- _REQUIRED WORK_: Your answer should be the lines below from the one with "BOSS_EXTRUDE1_DEPTH = 125" to the one with "# Sweep1: sweep along a path in Sketch3", both included, given again exactly and with nothing added.

- _INFORMATION_:
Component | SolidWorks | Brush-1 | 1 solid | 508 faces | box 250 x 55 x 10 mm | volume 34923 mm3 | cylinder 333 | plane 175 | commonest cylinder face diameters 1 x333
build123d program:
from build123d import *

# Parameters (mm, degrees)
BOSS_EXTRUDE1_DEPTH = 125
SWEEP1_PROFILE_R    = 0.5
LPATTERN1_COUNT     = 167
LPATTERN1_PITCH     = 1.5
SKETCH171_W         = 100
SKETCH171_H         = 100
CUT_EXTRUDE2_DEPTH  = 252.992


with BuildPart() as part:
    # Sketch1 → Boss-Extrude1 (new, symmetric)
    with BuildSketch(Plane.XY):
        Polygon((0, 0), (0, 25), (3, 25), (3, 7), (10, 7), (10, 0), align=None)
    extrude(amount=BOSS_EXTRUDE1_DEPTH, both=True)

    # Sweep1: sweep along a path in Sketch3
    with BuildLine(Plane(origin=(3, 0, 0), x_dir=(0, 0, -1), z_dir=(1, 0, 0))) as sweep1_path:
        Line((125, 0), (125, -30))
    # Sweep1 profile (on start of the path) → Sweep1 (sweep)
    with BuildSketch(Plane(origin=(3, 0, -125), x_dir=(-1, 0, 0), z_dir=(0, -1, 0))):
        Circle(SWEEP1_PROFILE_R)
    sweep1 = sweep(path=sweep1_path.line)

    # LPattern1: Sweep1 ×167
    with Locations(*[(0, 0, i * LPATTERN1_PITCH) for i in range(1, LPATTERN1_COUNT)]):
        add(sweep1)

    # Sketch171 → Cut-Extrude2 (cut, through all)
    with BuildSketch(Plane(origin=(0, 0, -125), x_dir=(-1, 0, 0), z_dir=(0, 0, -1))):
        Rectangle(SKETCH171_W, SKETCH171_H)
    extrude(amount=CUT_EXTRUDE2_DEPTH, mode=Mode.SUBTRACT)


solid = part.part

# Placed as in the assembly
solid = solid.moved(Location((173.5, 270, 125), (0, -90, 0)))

- _RESPONSE BOX_:
BOSS_EXTRUDE1_DEPTH = 125
SWEEP1_PROFILE_R    = 0.5
LPATTERN1_COUNT     = 167
LPATTERN1_PITCH     = 1.5
SKETCH171_W         = 100
SKETCH171_H         = 100
CUT_EXTRUDE2_DEPTH  = 252.992


with BuildPart() as part:
    # Sketch1 → Boss-Extrude1 (new, symmetric)
    with BuildSketch(Plane.XY):
        Polygon((0, 0), (0, 25), (3, 25), (3, 7), (10, 7), (10, 0), align=None)
    extrude(amount=BOSS_EXTRUDE1_DEPTH, both=True)

    # Sweep1: sweep along a path in Sketch3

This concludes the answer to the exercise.